(AVAILABLE RECORDS)

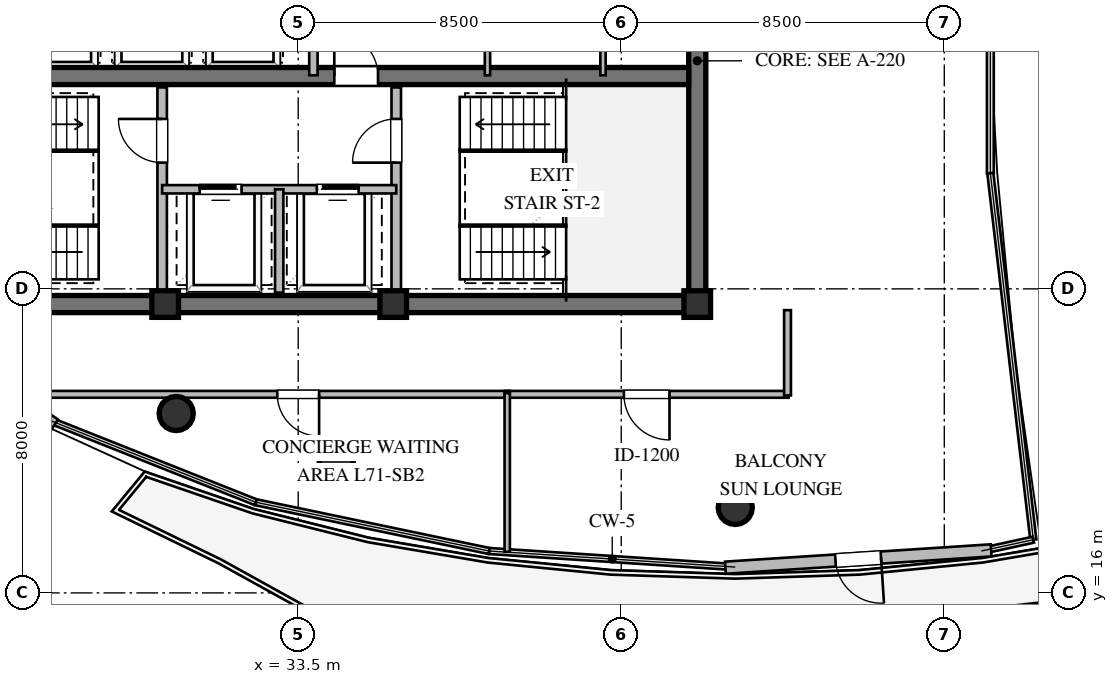
"""IFC4 building model, lengths in metres.
Left out: names, types, materials, properties, quantities, classifications, styles, units other than length and angle.
Written with IfcOpenShell. Run it as: python <this file> out.ifc"""

import sys

from ifc_helpers import new_model, si_unit, direction, frame, frame_2d, origin, origin_2d, place, context, subcontext, project, spatial, rectangle, circle, extrude, element, fill, save


model = new_model("IFC4")
c1 = context("Model", 3, precision=1e-05, world=origin(), true_north=direction((0.0, 1.0)))
c2 = subcontext(c1, "Body", "Model", "MODEL_VIEW")
j1 = project(units=[si_unit("LENGTHUNIT", "METRE"), si_unit("PLANEANGLEUNIT", "RADIAN")], contexts=[c1])
p1 = place(None, origin())
s1 = spatial("IfcSite", under=j1, at=p1, CompositionType="ELEMENT")
p2 = place(p1, origin())
s2 = spatial("IfcBuilding", under=s1, at=p2, CompositionType="ELEMENT")
p3 = place(p2, frame((0.0, 0.0, 270.0)))
s3 = spatial("IfcBuildingStorey", under=s2, at=p3, CompositionType="ELEMENT", Elevation=270.0)
p4 = place(p3, frame((21.775, 23.6, 0.0), z_axis=(0.0, 0.0, 1.0), x_axis=(1.0, 0.0, 0.0)))
e1 = element("IfcWall", 1, at=p4, inside=s3, PredefinedType="SHEAR", context=c2, shape_type="SweptSolid", body=[
    extrude(rectangle(XDim=22.45, YDim=0.45, at=frame_2d((11.225, 0.0))), origin(), (0.0, 0.0, 1.0), 3.56),
])
p5 = place(p3, frame((44.0, 23.825, 0.0), z_axis=(0.0, 0.0, 1.0), x_axis=(0.0, 1.0, 0.0)))
e2 = element("IfcWall", 2, at=p5, inside=s3, PredefinedType="SHEAR", context=c2, shape_type="SweptSolid", body=[
    extrude(rectangle(XDim=12.35, YDim=0.45, at=frame_2d((6.175, 0.0))), origin(), (0.0, 0.0, 1.0), 3.56),
])
p6 = place(p5, frame((8.675, 0.0, 0.0)))
e3 = element("IfcOpeningElement", 3, at=p6, cuts=e2, PredefinedType="OPENING", context=c2, shape_type="SweptSolid", body=[
    extrude(rectangle(XDim=1.5, YDim=2.15, at=frame_2d((0.75, 1.075))), frame((0.0, 0.235, 0.0), z_axis=(0.0, -1.0, 0.0), x_axis=(1.0, 0.0, 0.0)), (0.0, 0.0, 1.0), 0.47),
])
p7 = place(p3, frame((22.225, 29.6, 0.0), z_axis=(0.0, 0.0, 1.0), x_axis=(1.0, 0.0, 0.0)))
e4 = element("IfcWall", 4, at=p7, inside=s3, PredefinedType="SHEAR", context=c2, shape_type="SweptSolid", body=[
    extrude(rectangle(XDim=21.55, YDim=0.45, at=frame_2d((10.775, 0.0))), origin(), (0.0, 0.0, 1.0), 3.56),
])
p8 = place(p7, frame((12.225, 0.0, 0.0)))
e5 = element("IfcOpeningElement", 5, at=p8, cuts=e4, PredefinedType="OPENING", context=c2, shape_type="SweptSolid", body=[
    extrude(rectangle(XDim=1.15, YDim=2.1, at=frame_2d((0.575, 1.05))), frame((0.0, 0.235, 0.0), z_axis=(0.0, -1.0, 0.0), x_axis=(1.0, 0.0, 0.0)), (0.0, 0.0, 1.0), 0.47),
])
for number, where, z_axis, x_axis in (
    (6, (30.0, 23.6, 0.0), (0.0, 0.0, 1.0), (1.0, 0.0, 0.0)),
    (7, (36.0, 23.6, 0.0), (0.0, 0.0, 1.0), (1.0, 0.0, 0.0)),
    (8, (44.0, 23.6, 0.0), (0.0, 0.0, 1.0), (1.0, 0.0, 0.0)),
):
    element("IfcColumn", number, at=place(p3, frame(where, z_axis=z_axis, x_axis=x_axis)), inside=s3, PredefinedType="COLUMN", context=c2, shape_type="SweptSolid", body=[
        extrude(rectangle(XDim=0.7, YDim=0.7, at=origin_2d()), origin(), (0.0, 0.0, 1.0), 3.8),
    ])
for number, where, z_axis, x_axis in (
    (9, (30.29, 20.72, 0.0), (0.0, 0.0, 1.0), (1.0, 0.0, 0.0)),
    (10, (34.5, 19.42, 0.0), (0.0, 0.0, 1.0), (1.0, 0.0, 0.0)),
    (11, (45.0, 18.25, 0.0), (0.0, 0.0, 1.0), (1.0, 0.0, 0.0)),
):
    element("IfcColumn", number, at=place(p3, frame(where, z_axis=z_axis, x_axis=x_axis)), inside=s3, PredefinedType="COLUMN", context=c2, shape_type="SweptSolid", body=[
        extrude(circle(Radius=0.45, at=origin_2d()), origin(), (0.0, 0.0, 1.0), 3.8),
    ])
p9 = place(p3, frame((51.733, 17.119, 0.0), z_axis=(0.0, 0.0, 1.0), x_axis=(-0.997881827293, -0.065052738278, 0.0)))
e12 = element("IfcWall", 12, at=p9, inside=s3, PredefinedType="STANDARD", context=c2, shape_type="SweptSolid", body=[
    extrude(rectangle(XDim=7.007, YDim=0.32, at=frame_2d((3.503, 0.0))), origin(), (0.0, 0.0, 1.0), 3.56),
])
p10 = place(p9, frame((2.904, 0.0, 0.0)))
e13 = element("IfcOpeningElement", 13, at=p10, cuts=e12, PredefinedType="OPENING", context=c2, shape_type="SweptSolid", body=[
    extrude(rectangle(XDim=1.2, YDim=2.15, at=frame_2d((0.6, 1.075))), frame((0.0, 0.17, 0.0), z_axis=(0.0, -1.0, 0.0), x_axis=(1.0, 0.0, 0.0)), (0.0, 0.0, 1.0), 0.34),
])
p11 = place(p3, frame((27.093, 20.428, 0.0), z_axis=(0.0, 0.0, 1.0), x_axis=(-0.826047009588, 0.563601222454, 0.0)))
e14 = element("IfcWall", 14, at=p11, inside=s3, PredefinedType="STANDARD", context=c2, shape_type="SweptSolid", body=[
    extrude(rectangle(XDim=6.074, YDim=0.32, at=frame_2d((3.037, 0.0))), origin(), (0.0, 0.0, 1.0), 2.35),
])
p12 = place(p3, frame((29.92, 23.9, 0.0), z_axis=(0.0, 0.0, 1.0), x_axis=(0.0, 1.0, 0.0)))
e15 = element("IfcWall", 15, at=p12, inside=s3, PredefinedType="SOLIDWALL", context=c2, shape_type="SweptSolid", body=[
    extrude(rectangle(XDim=5.4, YDim=0.25, at=frame_2d((2.7, 0.0))), origin(), (0.0, 0.0, 1.0), 3.09),
])
p13 = place(p12, frame((3.421, 0.0, 0.0)))
e16 = element("IfcOpeningElement", 16, at=p13, cuts=e15, PredefinedType="OPENING", context=c2, shape_type="SweptSolid", body=[
    extrude(rectangle(XDim=1.15, YDim=2.1, at=frame_2d((0.575, 1.05))), frame((0.0, 0.135, 0.0), z_axis=(0.0, -1.0, 0.0), x_axis=(1.0, 0.0, 0.0)), (0.0, 0.0, 1.0), 0.27),
])
p14 = place(p3, frame((36.08, 23.9, 0.0), z_axis=(0.0, 0.0, 1.0), x_axis=(0.0, 1.0, 0.0)))
e17 = element("IfcWall", 17, at=p14, inside=s3, PredefinedType="SOLIDWALL", context=c2, shape_type="SweptSolid", body=[
    extrude(rectangle(XDim=5.4, YDim=0.25, at=frame_2d((2.7, 0.0))), origin(), (0.0, 0.0, 1.0), 3.56),
])
p15 = place(p14, frame((3.421, 0.0, 0.0)))
e18 = element("IfcOpeningElement", 18, at=p15, cuts=e17, PredefinedType="OPENING", context=c2, shape_type="SweptSolid", body=[
    extrude(rectangle(XDim=1.15, YDim=2.1, at=frame_2d((0.575, 1.05))), frame((0.0, 0.135, 0.0), z_axis=(0.0, -1.0, 0.0), x_axis=(1.0, 0.0, 0.0)), (0.0, 0.0, 1.0), 0.27),
])
p16 = place(p3, frame((29.92, 26.62, 0.0), z_axis=(0.0, 0.0, 1.0), x_axis=(1.0, 0.0, 0.0)))
e19 = element("IfcWall", 19, at=p16, inside=s3, PredefinedType="SOLIDWALL", context=c2, shape_type="SweptSolid", body=[
    extrude(rectangle(XDim=6.16, YDim=0.22, at=frame_2d((3.08, 0.0))), origin(), (0.0, 0.0, 1.0), 3.56),
])
p17 = place(p16, frame((0.99, 0.0, 0.0)))
e20 = element("IfcOpeningElement", 20, at=p17, cuts=e19, PredefinedType="OPENING", context=c2, shape_type="SweptSolid", body=[
    extrude(rectangle(XDim=1.1, YDim=2.1, at=frame_2d((0.55, 1.05))), frame((0.0, 0.12, 0.0), z_axis=(0.0, -1.0, 0.0), x_axis=(1.0, 0.0, 0.0)), (0.0, 0.0, 1.0), 0.24),
])
p18 = place(p16, frame((4.07, 0.0, 0.0)))
e21 = element("IfcOpeningElement", 21, at=p18, cuts=e19, PredefinedType="OPENING", context=c2, shape_type="SweptSolid", body=[
    extrude(rectangle(XDim=1.1, YDim=2.1, at=frame_2d((0.55, 1.05))), frame((0.0, 0.12, 0.0), z_axis=(0.0, -1.0, 0.0), x_axis=(1.0, 0.0, 0.0)), (0.0, 0.0, 1.0), 0.24),
])
p19 = place(p3, frame((33.0, 23.9, 0.0), z_axis=(0.0, 0.0, 1.0), x_axis=(0.0, 1.0, 0.0)))
e22 = element("IfcWall", 22, at=p19, inside=s3, PredefinedType="SOLIDWALL", context=c2, shape_type="SweptSolid", body=[
    extrude(rectangle(XDim=2.72, YDim=0.22, at=frame_2d((1.36, 0.0))), origin(), (0.0, 0.0, 1.0), 3.56),
])
p20 = place(p3, frame((33.9, 29.62, 0.0), z_axis=(0.0, 0.0, 1.0), x_axis=(0.0, 1.0, 0.0)))
e23 = element("IfcWall", 23, at=p20, inside=s3, PredefinedType="SOLIDWALL", context=c2, shape_type="SweptSolid", body=[
    extrude(rectangle(XDim=2.36, YDim=0.22, at=frame_2d((1.18, 0.0))), origin(), (0.0, 0.0, 1.0), 3.56),
])
for number, where, z_axis, x_axis in (
    (24, (38.48, 29.62, 0.0), (0.0, 0.0, 1.0), (0.0, 1.0, 0.0)),
    (25, (41.52, 29.62, 0.0), (0.0, 0.0, 1.0), (0.0, 1.0, 0.0)),
):
    element("IfcWall", number, at=place(p3, frame(where, z_axis=z_axis, x_axis=x_axis)), inside=s3, PredefinedType="PARTITIONING", context=c2, shape_type="SweptSolid", body=[
        extrude(rectangle(XDim=2.36, YDim=0.14, at=frame_2d((1.18, 0.0))), origin(), (0.0, 0.0, 1.0), 3.56),
    ])
p21 = place(p3, frame((39.065, 21.225, 0.0), z_axis=(0.0, 0.0, 1.0), x_axis=(-1.0, 0.0, 0.0)))
e26 = element("IfcWall", 26, at=p21, inside=s3, PredefinedType="PARTITIONING", context=c2, shape_type="SweptSolid", body=[
    extrude(rectangle(XDim=13.13, YDim=0.18, at=frame_2d((6.565, 0.0))), origin(), (0.0, 0.0, 1.0), 3.017),
])
p22 = place(p21, frame((5.015, 0.0, 0.0)))
e27 = element("IfcOpeningElement", 27, at=p22, cuts=e26, PredefinedType="OPENING", context=c2, shape_type="SweptSolid", body=[
    extrude(rectangle(XDim=1.1, YDim=2.1, at=frame_2d((0.55, 1.05))), frame((0.0, 0.1, 0.0), z_axis=(0.0, -1.0, 0.0), x_axis=(1.0, 0.0, 0.0)), (0.0, 0.0, 1.0), 0.2),
])
p23 = place(p3, frame((46.405, 21.225, 0.0), z_axis=(0.0, 0.0, 1.0), x_axis=(-1.0, 0.0, 0.0)))
e28 = element("IfcWall", 28, at=p23, inside=s3, PredefinedType="PARTITIONING", context=c2, shape_type="SweptSolid", body=[
    extrude(rectangle(XDim=7.47, YDim=0.18, at=frame_2d((3.735, 0.0))), origin(), (0.0, 0.0, 1.0), 3.196),
])
p24 = place(p23, frame((3.135, 0.0, 0.0)))
e29 = element("IfcOpeningElement", 29, at=p24, cuts=e28, PredefinedType="OPENING", context=c2, shape_type="SweptSolid", body=[
    extrude(rectangle(XDim=1.2, YDim=2.15, at=frame_2d((0.6, 1.075))), frame((0.0, 0.1, 0.0), z_axis=(0.0, -1.0, 0.0), x_axis=(1.0, 0.0, 0.0)), (0.0, 0.0, 1.0), 0.2),
])
p25 = place(p3, frame((46.375, 23.44, 0.0), z_axis=(0.0, 0.0, 1.0), x_axis=(0.0, -1.0, 0.0)))
e30 = element("IfcWall", 30, at=p25, inside=s3, PredefinedType="PARTITIONING", context=c2, shape_type="SweptSolid", body=[
    extrude(rectangle(XDim=2.245, YDim=0.18, at=frame_2d((1.123, 0.0))), origin(), (0.0, 0.0, 1.0), 3.56),
])
p26 = place(p3, frame((39.0, 21.255, 0.0), z_axis=(0.0, 0.0, 1.0), x_axis=(0.0, -1.0, 0.0)))
e31 = element("IfcWall", 31, at=p26, inside=s3, PredefinedType="PARTITIONING", context=c2, shape_type="SweptSolid", body=[
    extrude(rectangle(XDim=4.174, YDim=0.14, at=frame_2d((2.087, 0.0))), origin(), (0.0, 0.0, 1.0), 3.56),
])
p27 = place(p10, origin())
e32 = element("IfcDoor", 32, at=p27, inside=s3, OperationType="SINGLE_SWING_LEFT", PredefinedType="DOOR", context=c2, shape_type="SweptSolid", body=[
    extrude(rectangle(XDim=1.2, YDim=2.15, at=frame_2d((0.6, 1.075))), frame((0.0, 0.025, 0.0), z_axis=(0.0, -1.0, 0.0), x_axis=(1.0, 0.0, 0.0)), (0.0, 0.0, 1.0), 0.05),
])
fill(e13, e32)
p28 = place(p13, origin())
e33 = element("IfcDoor", 33, at=p28, inside=s3, OperationType="SINGLE_SWING_RIGHT", PredefinedType="DOOR", context=c2, shape_type="SweptSolid", body=[
    extrude(rectangle(XDim=1.15, YDim=2.1, at=frame_2d((0.575, 1.05))), frame((0.0, 0.025, 0.0), z_axis=(0.0, -1.0, 0.0), x_axis=(1.0, 0.0, 0.0)), (0.0, 0.0, 1.0), 0.05),
])
fill(e16, e33)
p29 = place(p15, origin())
e34 = element("IfcDoor", 34, at=p29, inside=s3, OperationType="SINGLE_SWING_LEFT", PredefinedType="DOOR", context=c2, shape_type="SweptSolid", body=[
    extrude(rectangle(XDim=1.15, YDim=2.1, at=frame_2d((0.575, 1.05))), frame((0.0, 0.025, 0.0), z_axis=(0.0, -1.0, 0.0), x_axis=(1.0, 0.0, 0.0)), (0.0, 0.0, 1.0), 0.05),
])
fill(e18, e34)
p30 = place(p17, origin())
e35 = element("IfcDoor", 35, at=p30, inside=s3, OperationType="SLIDING_TO_LEFT", PredefinedType="DOOR", context=c2, shape_type="SweptSolid", body=[
    extrude(rectangle(XDim=1.1, YDim=2.1, at=frame_2d((0.55, 1.05))), frame((0.0, 0.025, 0.0), z_axis=(0.0, -1.0, 0.0), x_axis=(1.0, 0.0, 0.0)), (0.0, 0.0, 1.0), 0.05),
])
fill(e20, e35)
p31 = place(p18, origin())
e36 = element("IfcDoor", 36, at=p31, inside=s3, OperationType="SLIDING_TO_RIGHT", PredefinedType="DOOR", context=c2, shape_type="SweptSolid", body=[
    extrude(rectangle(XDim=1.1, YDim=2.1, at=frame_2d((0.55, 1.05))), frame((0.0, 0.025, 0.0), z_axis=(0.0, -1.0, 0.0), x_axis=(1.0, 0.0, 0.0)), (0.0, 0.0, 1.0), 0.05),
])
fill(e21, e36)
p32 = place(p8, origin())
e37 = element("IfcDoor", 37, at=p32, inside=s3, OperationType="SINGLE_SWING_LEFT", PredefinedType="DOOR", context=c2, shape_type="SweptSolid", body=[
    extrude(rectangle(XDim=1.15, YDim=2.1, at=frame_2d((0.575, 1.05))), frame((0.0, 0.025, 0.0), z_axis=(0.0, -1.0, 0.0), x_axis=(1.0, 0.0, 0.0)), (0.0, 0.0, 1.0), 0.05),
])
fill(e5, e37)
p33 = place(p22, origin())
e38 = element("IfcDoor", 38, at=p33, inside=s3, OperationType="SINGLE_SWING_LEFT", PredefinedType="DOOR", context=c2, shape_type="SweptSolid", body=[
    extrude(rectangle(XDim=1.1, YDim=2.1, at=frame_2d((0.55, 1.05))), frame((0.0, 0.025, 0.0), z_axis=(0.0, -1.0, 0.0), x_axis=(1.0, 0.0, 0.0)), (0.0, 0.0, 1.0), 0.05),
])
fill(e27, e38)
p34 = place(p24, origin())
e39 = element("IfcDoor", 39, at=p34, inside=s3, OperationType="SINGLE_SWING_LEFT", PredefinedType="DOOR", context=c2, shape_type="SweptSolid", body=[
    extrude(rectangle(XDim=1.2, YDim=2.15, at=frame_2d((0.6, 1.075))), frame((0.0, 0.025, 0.0), z_axis=(0.0, -1.0, 0.0), x_axis=(1.0, 0.0, 0.0)), (0.0, 0.0, 1.0), 0.05),
])
fill(e29, e39)
save(model, sys.argv[1])

(End AVAILABLE RECORDS)

From the line containing "p34 = place(p24, origin())" through the last line of the records, output each line exactly and nothing more.

RESPONSE BOX:
p34 = place(p24, origin())
e39 = element("IfcDoor", 39, at=p34, inside=s3, OperationType="SINGLE_SWING_LEFT", PredefinedType="DOOR", context=c2, shape_type="SweptSolid", body=[
    extrude(rectangle(XDim=1.2, YDim=2.15, at=frame_2d((0.6, 1.075))), frame((0.0, 0.025, 0.0), z_axis=(0.0, -1.0, 0.0), x_axis=(1.0, 0.0, 0.0)), (0.0, 0.0, 1.0), 0.05),
])
fill(e29, e39)
save(model, sys.argv[1])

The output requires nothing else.